Excerpts from a dataset
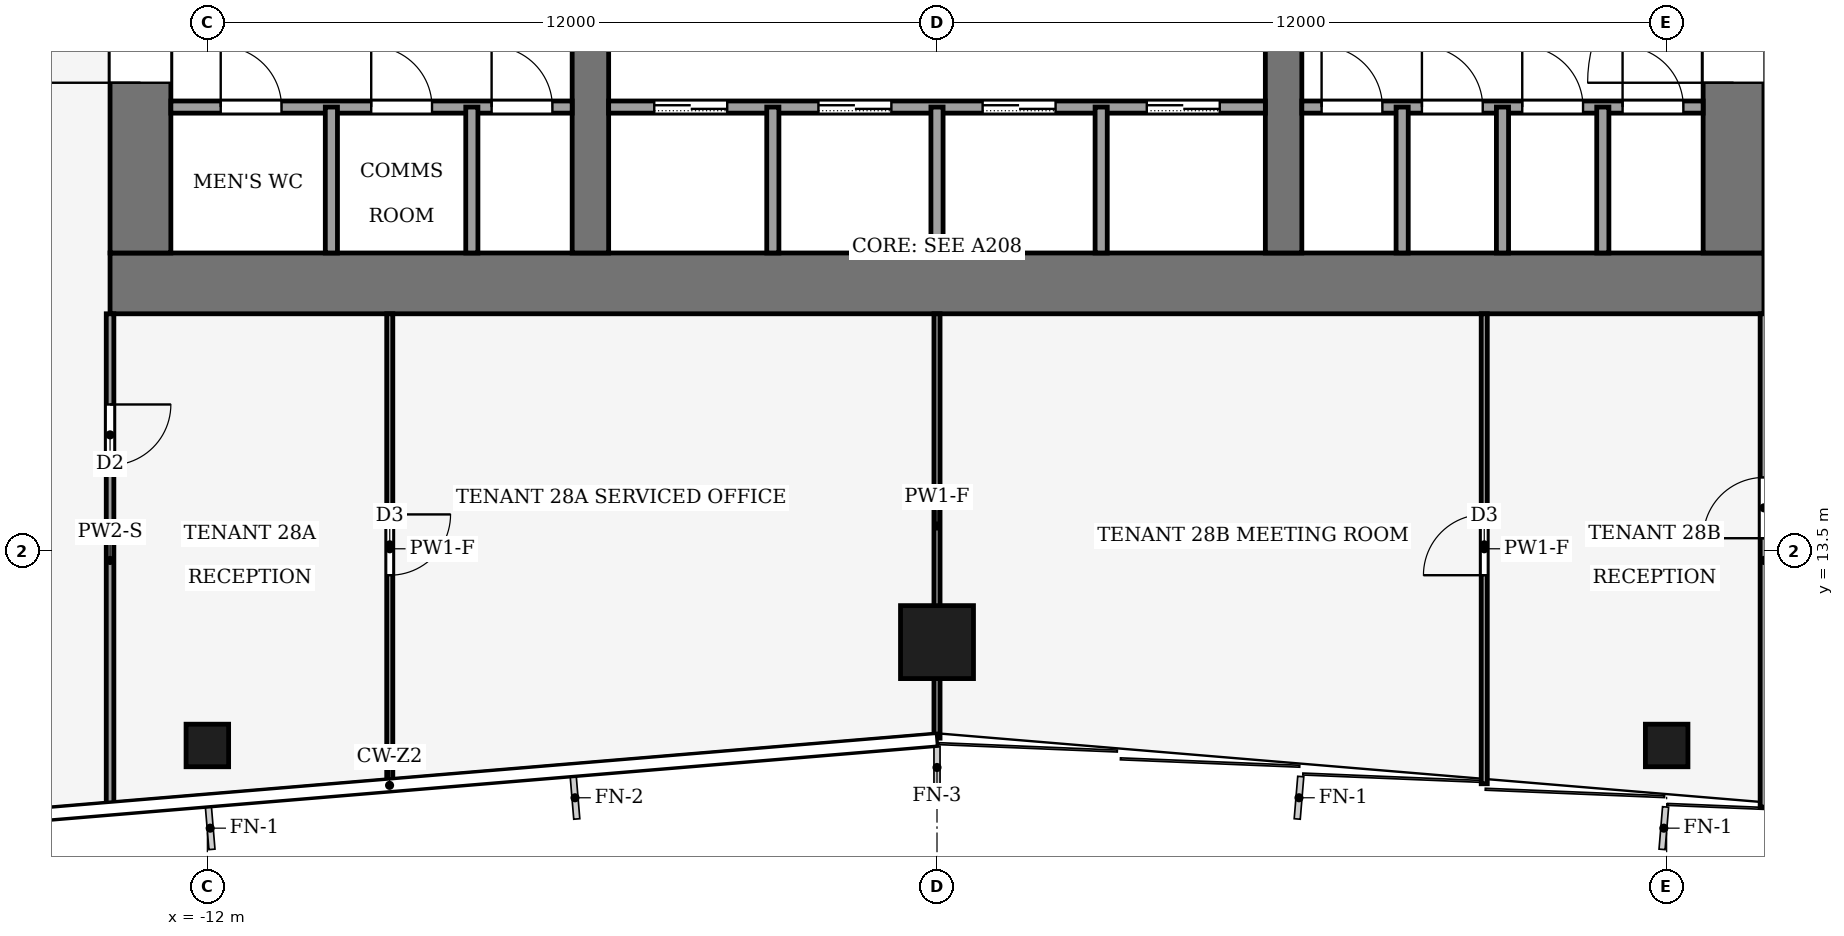
"""IFC4 building model, lengths in metres.
Left out: names, types, materials, properties, quantities, classifications, styles, units other than length and angle.
Written with IfcOpenShell. Run it as: python <this file> out.ifc"""

import sys

from ifc_helpers import new_model, si_unit, direction, frame, frame_2d, origin, origin_2d, place, context, subcontext, project, spatial, rectangle, hollow_rectangle, extrude, element, fill, save


model = new_model("IFC4")
c1 = context("Model", 3, precision=1e-05, world=origin(), true_north=direction((0.0, 1.0)))
c2 = subcontext(c1, "Body", "Model", "MODEL_VIEW")
j1 = project(units=[si_unit("LENGTHUNIT", "METRE"), si_unit("PLANEANGLEUNIT", "RADIAN")], contexts=[c1])
p1 = place(None, origin())
s1 = spatial("IfcSite", under=j1, at=p1, CompositionType="ELEMENT")
p2 = place(p1, origin())
s2 = spatial("IfcBuilding", under=s1, at=p2, CompositionType="ELEMENT")
p3 = place(p2, frame((0.0, 0.0, 126.0)))
s3 = spatial("IfcBuildingStorey", under=s2, at=p3, CompositionType="ELEMENT", Elevation=126.0)
p4 = place(p3, frame((-13.6, 17.9, -0.13), z_axis=(0.0, 0.0, 1.0), x_axis=(1.0, 0.0, 0.0)))
e1 = element("IfcWall", 1, at=p4, inside=s3, PredefinedType="SHEAR", context=c2, shape_type="SweptSolid", body=[
    extrude(rectangle(XDim=27.2, YDim=1.0, at=frame_2d((13.6, 0.0))), origin(), (0.0, 0.0, 1.0), 4.0),
])
p5 = place(p3, frame((-13.1, 18.4, -0.13), z_axis=(0.0, 0.0, 1.0), x_axis=(0.0, 1.0, 0.0)))
e2 = element("IfcWall", 2, at=p5, inside=s3, PredefinedType="SHEAR", context=c2, shape_type="SweptSolid", body=[
    extrude(rectangle(XDim=19.2, YDim=1.0, at=frame_2d((9.6, 0.0))), origin(), (0.0, 0.0, 1.0), 4.0),
])
p6 = place(p5, frame((2.8, 0.0, 0.13)))
e3 = element("IfcOpeningElement", 3, at=p6, cuts=e2, PredefinedType="OPENING", context=c2, shape_type="SweptSolid", body=[
    extrude(rectangle(XDim=2.4, YDim=2.4, at=frame_2d((1.2, 1.2))), frame((0.0, 0.51, 0.0), z_axis=(0.0, -1.0, 0.0), x_axis=(1.0, 0.0, 0.0)), (0.0, 0.0, 1.0), 1.02),
])
p7 = place(p5, frame((13.4, 0.0, 0.13)))
e4 = element("IfcOpeningElement", 4, at=p7, cuts=e2, PredefinedType="OPENING", context=c2, shape_type="SweptSolid", body=[
    extrude(rectangle(XDim=1.4, YDim=2.2, at=frame_2d((0.7, 1.1))), frame((0.0, 0.51, 0.0), z_axis=(0.0, -1.0, 0.0), x_axis=(1.0, 0.0, 0.0)), (0.0, 0.0, 1.0), 1.02),
])
p8 = place(p3, frame((13.1, 18.4, -0.13), z_axis=(0.0, 0.0, 1.0), x_axis=(0.0, 1.0, 0.0)))
e5 = element("IfcWall", 5, at=p8, inside=s3, PredefinedType="SHEAR", context=c2, shape_type="SweptSolid", body=[
    extrude(rectangle(XDim=19.2, YDim=1.0, at=frame_2d((9.6, 0.0))), origin(), (0.0, 0.0, 1.0), 4.0),
])
p9 = place(p8, frame((2.8, 0.0, 0.13)))
e6 = element("IfcOpeningElement", 6, at=p9, cuts=e5, PredefinedType="OPENING", context=c2, shape_type="SweptSolid", body=[
    extrude(rectangle(XDim=2.4, YDim=2.4, at=frame_2d((1.2, 1.2))), frame((0.0, 0.51, 0.0), z_axis=(0.0, -1.0, 0.0), x_axis=(1.0, 0.0, 0.0)), (0.0, 0.0, 1.0), 1.02),
])
p10 = place(p8, frame((13.3, 0.0, 0.13)))
e7 = element("IfcOpeningElement", 7, at=p10, cuts=e5, PredefinedType="OPENING", context=c2, shape_type="SweptSolid", body=[
    extrude(rectangle(XDim=2.4, YDim=2.4, at=frame_2d((1.2, 1.2))), frame((0.0, 0.51, 0.0), z_axis=(0.0, -1.0, 0.0), x_axis=(1.0, 0.0, 0.0)), (0.0, 0.0, 1.0), 1.02),
])
p11 = place(p3, frame((-5.7, 18.4, -0.13), z_axis=(0.0, 0.0, 1.0), x_axis=(0.0, 1.0, 0.0)))
e8 = element("IfcWall", 8, at=p11, inside=s3, PredefinedType="SHEAR", context=c2, shape_type="SweptSolid", body=[
    extrude(rectangle(XDim=19.2, YDim=0.6, at=frame_2d((9.6, 0.0))), origin(), (0.0, 0.0, 1.0), 4.0),
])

### [WHAT IS EXPECTED]
Say how many lines in the entries include the string "direction", and write nothing besides that number.

### [EXPECTED ANSWER]
2